| Activity |
In the listing that follows, locate the line containing "from ifc_helpers import" and the line containing "p6 = place(p5, frame((0.92, 0.0, 0.0)))". Retype exactly those two lines and every line between them, and nothing more.

| Supplied records |
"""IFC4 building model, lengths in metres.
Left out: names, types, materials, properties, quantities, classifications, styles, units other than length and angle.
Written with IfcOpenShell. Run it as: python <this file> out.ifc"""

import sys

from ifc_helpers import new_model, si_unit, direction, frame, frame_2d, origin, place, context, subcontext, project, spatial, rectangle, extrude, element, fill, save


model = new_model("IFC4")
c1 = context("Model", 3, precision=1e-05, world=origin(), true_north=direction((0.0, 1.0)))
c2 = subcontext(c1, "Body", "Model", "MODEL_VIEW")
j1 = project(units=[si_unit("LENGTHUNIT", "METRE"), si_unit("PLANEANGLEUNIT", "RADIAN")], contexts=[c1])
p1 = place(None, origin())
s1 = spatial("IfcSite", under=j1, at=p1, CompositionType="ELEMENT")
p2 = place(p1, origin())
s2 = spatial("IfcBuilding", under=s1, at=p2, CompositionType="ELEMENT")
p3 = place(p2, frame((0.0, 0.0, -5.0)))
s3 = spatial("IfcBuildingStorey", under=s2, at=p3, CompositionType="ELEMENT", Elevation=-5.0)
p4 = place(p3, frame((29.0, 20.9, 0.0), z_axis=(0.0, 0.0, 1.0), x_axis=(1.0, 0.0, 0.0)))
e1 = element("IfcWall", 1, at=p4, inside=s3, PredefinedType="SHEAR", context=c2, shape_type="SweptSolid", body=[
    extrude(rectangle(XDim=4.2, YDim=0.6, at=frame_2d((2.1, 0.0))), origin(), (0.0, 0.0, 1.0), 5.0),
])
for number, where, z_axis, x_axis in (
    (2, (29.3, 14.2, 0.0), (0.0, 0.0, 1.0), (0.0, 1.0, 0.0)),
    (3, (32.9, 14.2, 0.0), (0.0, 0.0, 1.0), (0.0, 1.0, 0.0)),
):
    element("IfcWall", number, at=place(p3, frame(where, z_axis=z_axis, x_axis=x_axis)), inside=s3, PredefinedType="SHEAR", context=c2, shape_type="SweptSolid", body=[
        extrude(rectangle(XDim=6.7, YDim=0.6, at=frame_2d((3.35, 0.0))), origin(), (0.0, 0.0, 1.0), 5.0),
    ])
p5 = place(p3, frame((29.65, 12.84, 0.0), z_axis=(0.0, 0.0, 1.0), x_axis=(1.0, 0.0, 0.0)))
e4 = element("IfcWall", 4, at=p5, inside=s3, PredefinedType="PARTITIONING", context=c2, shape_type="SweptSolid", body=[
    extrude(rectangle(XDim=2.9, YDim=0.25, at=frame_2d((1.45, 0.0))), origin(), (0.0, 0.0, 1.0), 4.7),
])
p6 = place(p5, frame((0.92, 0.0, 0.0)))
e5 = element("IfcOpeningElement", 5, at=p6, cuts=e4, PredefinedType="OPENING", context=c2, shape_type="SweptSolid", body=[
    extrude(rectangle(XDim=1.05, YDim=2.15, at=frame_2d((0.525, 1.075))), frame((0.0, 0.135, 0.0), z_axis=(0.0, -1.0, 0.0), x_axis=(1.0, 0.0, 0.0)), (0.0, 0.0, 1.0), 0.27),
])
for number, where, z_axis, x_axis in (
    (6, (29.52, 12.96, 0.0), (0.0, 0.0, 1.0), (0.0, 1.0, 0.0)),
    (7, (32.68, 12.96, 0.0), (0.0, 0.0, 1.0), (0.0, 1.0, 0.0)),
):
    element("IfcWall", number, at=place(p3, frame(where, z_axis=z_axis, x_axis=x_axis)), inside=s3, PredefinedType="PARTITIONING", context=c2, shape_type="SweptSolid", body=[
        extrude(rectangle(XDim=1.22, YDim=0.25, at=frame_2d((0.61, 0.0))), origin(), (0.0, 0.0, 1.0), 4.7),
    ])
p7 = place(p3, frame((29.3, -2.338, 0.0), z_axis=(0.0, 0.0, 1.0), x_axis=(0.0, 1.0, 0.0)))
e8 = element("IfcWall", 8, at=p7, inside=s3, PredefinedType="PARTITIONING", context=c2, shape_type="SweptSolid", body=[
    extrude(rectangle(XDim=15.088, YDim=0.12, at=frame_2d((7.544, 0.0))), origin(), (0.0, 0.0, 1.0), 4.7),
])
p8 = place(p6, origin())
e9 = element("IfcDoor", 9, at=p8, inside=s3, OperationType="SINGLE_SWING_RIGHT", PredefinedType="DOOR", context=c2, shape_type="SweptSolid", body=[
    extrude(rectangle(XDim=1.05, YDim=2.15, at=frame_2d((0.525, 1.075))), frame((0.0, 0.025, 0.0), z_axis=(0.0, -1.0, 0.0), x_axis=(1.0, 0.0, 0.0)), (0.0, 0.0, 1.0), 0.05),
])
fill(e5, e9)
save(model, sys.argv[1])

| Your response |
from ifc_helpers import new_model, si_unit, direction, frame, frame_2d, origin, place, context, subcontext, project, spatial, rectangle, extrude, element, fill, save


model = new_model("IFC4")
c1 = context("Model", 3, precision=1e-05, world=origin(), true_north=direction((0.0, 1.0)))
c2 = subcontext(c1, "Body", "Model", "MODEL_VIEW")
j1 = project(units=[si_unit("LENGTHUNIT", "METRE"), si_unit("PLANEANGLEUNIT", "RADIAN")], contexts=[c1])
p1 = place(None, origin())
s1 = spatial("IfcSite", under=j1, at=p1, CompositionType="ELEMENT")
p2 = place(p1, origin())
s2 = spatial("IfcBuilding", under=s1, at=p2, CompositionType="ELEMENT")
p3 = place(p2, frame((0.0, 0.0, -5.0)))
s3 = spatial("IfcBuildingStorey", under=s2, at=p3, CompositionType="ELEMENT", Elevation=-5.0)
p4 = place(p3, frame((29.0, 20.9, 0.0), z_axis=(0.0, 0.0, 1.0), x_axis=(1.0, 0.0, 0.0)))
e1 = element("IfcWall", 1, at=p4, inside=s3, PredefinedType="SHEAR", context=c2, shape_type="SweptSolid", body=[
    extrude(rectangle(XDim=4.2, YDim=0.6, at=frame_2d((2.1, 0.0))), origin(), (0.0, 0.0, 1.0), 5.0),
])
for number, where, z_axis, x_axis in (
    (2, (29.3, 14.2, 0.0), (0.0, 0.0, 1.0), (0.0, 1.0, 0.0)),
    (3, (32.9, 14.2, 0.0), (0.0, 0.0, 1.0), (0.0, 1.0, 0.0)),
):
    element("IfcWall", number, at=place(p3, frame(where, z_axis=z_axis, x_axis=x_axis)), inside=s3, PredefinedType="SHEAR", context=c2, shape_type="SweptSolid", body=[
        extrude(rectangle(XDim=6.7, YDim=0.6, at=frame_2d((3.35, 0.0))), origin(), (0.0, 0.0, 1.0), 5.0),
    ])
p5 = place(p3, frame((29.65, 12.84, 0.0), z_axis=(0.0, 0.0, 1.0), x_axis=(1.0, 0.0, 0.0)))
e4 = element("IfcWall", 4, at=p5, inside=s3, PredefinedType="PARTITIONING", context=c2, shape_type="SweptSolid", body=[
    extrude(rectangle(XDim=2.9, YDim=0.25, at=frame_2d((1.45, 0.0))), origin(), (0.0, 0.0, 1.0), 4.7),
])
p6 = place(p5, frame((0.92, 0.0, 0.0)))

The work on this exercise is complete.